# What you should do
Starting at the first line of the entries below, please return exactly each line up to and including the one with "world=origin(), true_north=direction((0.0, 1.0)))"; pictures stay out.

Extracted records
***

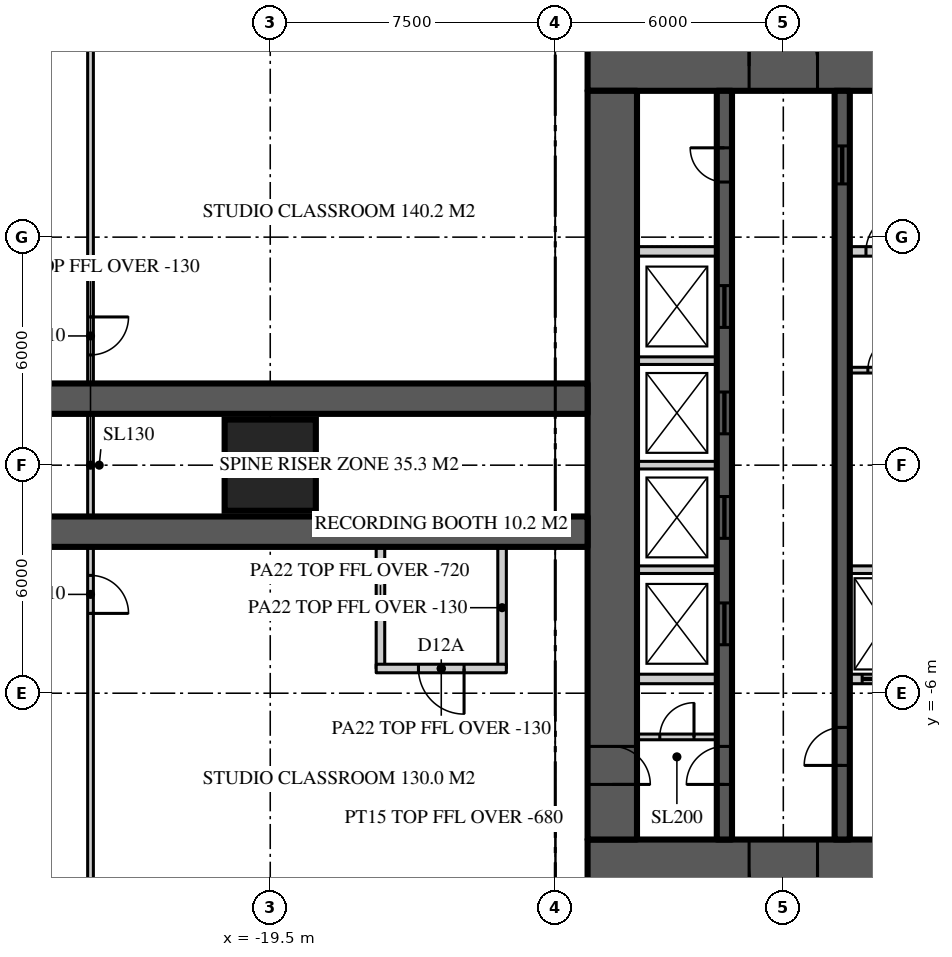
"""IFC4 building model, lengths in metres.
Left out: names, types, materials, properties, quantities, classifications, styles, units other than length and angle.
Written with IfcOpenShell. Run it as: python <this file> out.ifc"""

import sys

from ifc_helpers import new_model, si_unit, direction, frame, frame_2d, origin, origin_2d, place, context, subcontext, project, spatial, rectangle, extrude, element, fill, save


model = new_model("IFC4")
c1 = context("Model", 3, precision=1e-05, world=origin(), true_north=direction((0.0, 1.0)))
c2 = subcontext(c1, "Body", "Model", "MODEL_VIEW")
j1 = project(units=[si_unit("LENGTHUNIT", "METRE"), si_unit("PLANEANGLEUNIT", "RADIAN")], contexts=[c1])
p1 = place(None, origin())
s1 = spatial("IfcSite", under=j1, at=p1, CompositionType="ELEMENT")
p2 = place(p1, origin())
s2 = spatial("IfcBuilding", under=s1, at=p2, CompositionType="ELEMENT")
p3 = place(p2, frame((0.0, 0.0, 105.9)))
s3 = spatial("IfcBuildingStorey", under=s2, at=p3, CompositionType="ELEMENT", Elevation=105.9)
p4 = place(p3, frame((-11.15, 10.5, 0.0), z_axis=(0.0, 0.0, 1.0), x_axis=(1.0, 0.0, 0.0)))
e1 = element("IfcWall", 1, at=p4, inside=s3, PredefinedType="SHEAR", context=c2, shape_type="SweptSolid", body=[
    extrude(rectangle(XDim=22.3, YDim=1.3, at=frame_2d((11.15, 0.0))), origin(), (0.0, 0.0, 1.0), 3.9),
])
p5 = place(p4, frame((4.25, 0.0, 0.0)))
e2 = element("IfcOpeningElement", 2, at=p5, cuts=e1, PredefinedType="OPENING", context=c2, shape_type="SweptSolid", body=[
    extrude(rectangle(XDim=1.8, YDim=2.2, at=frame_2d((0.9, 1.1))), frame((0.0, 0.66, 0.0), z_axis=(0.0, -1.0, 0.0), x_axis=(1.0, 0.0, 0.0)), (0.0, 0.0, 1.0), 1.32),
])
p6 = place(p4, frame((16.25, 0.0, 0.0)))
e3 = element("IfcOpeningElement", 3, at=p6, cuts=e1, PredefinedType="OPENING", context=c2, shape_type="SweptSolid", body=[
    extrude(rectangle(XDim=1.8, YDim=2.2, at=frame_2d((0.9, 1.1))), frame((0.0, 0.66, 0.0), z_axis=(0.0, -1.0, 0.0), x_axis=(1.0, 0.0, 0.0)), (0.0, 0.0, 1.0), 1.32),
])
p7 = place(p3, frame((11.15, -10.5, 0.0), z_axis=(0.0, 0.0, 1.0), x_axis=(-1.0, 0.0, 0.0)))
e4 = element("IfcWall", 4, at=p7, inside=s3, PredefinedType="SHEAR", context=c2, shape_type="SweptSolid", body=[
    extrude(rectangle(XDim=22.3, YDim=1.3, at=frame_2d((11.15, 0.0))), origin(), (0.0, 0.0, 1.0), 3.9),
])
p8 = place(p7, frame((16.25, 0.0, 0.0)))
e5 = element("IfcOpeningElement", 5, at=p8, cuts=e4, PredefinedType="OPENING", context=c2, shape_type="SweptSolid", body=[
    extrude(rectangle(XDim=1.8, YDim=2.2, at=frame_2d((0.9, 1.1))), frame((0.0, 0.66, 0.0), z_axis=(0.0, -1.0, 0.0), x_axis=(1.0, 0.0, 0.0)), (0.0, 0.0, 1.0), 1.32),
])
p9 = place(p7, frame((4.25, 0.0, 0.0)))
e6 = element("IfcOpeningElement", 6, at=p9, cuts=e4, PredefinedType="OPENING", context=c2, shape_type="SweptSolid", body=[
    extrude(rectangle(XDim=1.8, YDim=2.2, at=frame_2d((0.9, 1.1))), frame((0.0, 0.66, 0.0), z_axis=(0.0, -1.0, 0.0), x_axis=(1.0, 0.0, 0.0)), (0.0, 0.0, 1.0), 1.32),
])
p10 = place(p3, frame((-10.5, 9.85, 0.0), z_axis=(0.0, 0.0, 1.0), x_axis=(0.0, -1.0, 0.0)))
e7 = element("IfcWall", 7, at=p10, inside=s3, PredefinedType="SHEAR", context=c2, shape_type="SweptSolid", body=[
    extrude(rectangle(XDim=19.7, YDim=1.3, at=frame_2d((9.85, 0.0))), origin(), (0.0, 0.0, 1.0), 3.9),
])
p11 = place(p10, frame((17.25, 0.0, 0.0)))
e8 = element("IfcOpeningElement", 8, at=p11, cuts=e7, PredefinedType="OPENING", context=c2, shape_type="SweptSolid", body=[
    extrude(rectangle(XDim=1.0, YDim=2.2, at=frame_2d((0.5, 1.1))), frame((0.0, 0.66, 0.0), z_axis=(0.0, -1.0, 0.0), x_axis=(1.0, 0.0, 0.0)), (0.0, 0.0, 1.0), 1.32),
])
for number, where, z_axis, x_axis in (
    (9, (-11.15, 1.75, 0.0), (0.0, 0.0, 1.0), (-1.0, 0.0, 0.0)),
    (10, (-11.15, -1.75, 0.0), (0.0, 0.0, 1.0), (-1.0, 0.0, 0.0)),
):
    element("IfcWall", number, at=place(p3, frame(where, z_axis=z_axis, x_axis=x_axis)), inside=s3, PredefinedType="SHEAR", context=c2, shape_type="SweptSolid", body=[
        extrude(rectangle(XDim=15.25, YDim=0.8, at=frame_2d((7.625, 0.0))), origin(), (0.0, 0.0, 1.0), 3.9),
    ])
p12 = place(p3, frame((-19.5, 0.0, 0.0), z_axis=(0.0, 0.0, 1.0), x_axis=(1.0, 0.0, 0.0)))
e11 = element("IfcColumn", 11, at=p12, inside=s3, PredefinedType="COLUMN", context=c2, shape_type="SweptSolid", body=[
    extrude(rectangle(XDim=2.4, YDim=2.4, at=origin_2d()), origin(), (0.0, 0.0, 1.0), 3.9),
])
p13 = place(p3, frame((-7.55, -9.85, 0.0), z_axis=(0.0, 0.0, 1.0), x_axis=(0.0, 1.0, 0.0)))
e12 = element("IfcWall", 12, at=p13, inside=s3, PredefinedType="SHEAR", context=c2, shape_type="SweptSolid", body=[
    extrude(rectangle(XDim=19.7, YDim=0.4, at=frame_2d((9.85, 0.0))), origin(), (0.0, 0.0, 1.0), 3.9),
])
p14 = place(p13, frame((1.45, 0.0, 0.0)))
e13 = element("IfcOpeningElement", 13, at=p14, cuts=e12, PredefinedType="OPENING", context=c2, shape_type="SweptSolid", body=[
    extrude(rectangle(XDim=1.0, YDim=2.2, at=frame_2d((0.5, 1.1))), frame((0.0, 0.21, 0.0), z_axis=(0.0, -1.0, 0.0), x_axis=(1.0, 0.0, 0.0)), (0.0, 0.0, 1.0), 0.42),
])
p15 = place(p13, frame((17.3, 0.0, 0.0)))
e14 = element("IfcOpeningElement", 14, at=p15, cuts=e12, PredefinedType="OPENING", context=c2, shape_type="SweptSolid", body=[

***

# Answer section
"""IFC4 building model, lengths in metres.
Left out: names, types, materials, properties, quantities, classifications, styles, units other than length and angle.
Written with IfcOpenShell. Run it as: python <this file> out.ifc"""

import sys

from ifc_helpers import new_model, si_unit, direction, frame, frame_2d, origin, origin_2d, place, context, subcontext, project, spatial, rectangle, extrude, element, fill, save


model = new_model("IFC4")
c1 = context("Model", 3, precision=1e-05, world=origin(), true_north=direction((0.0, 1.0)))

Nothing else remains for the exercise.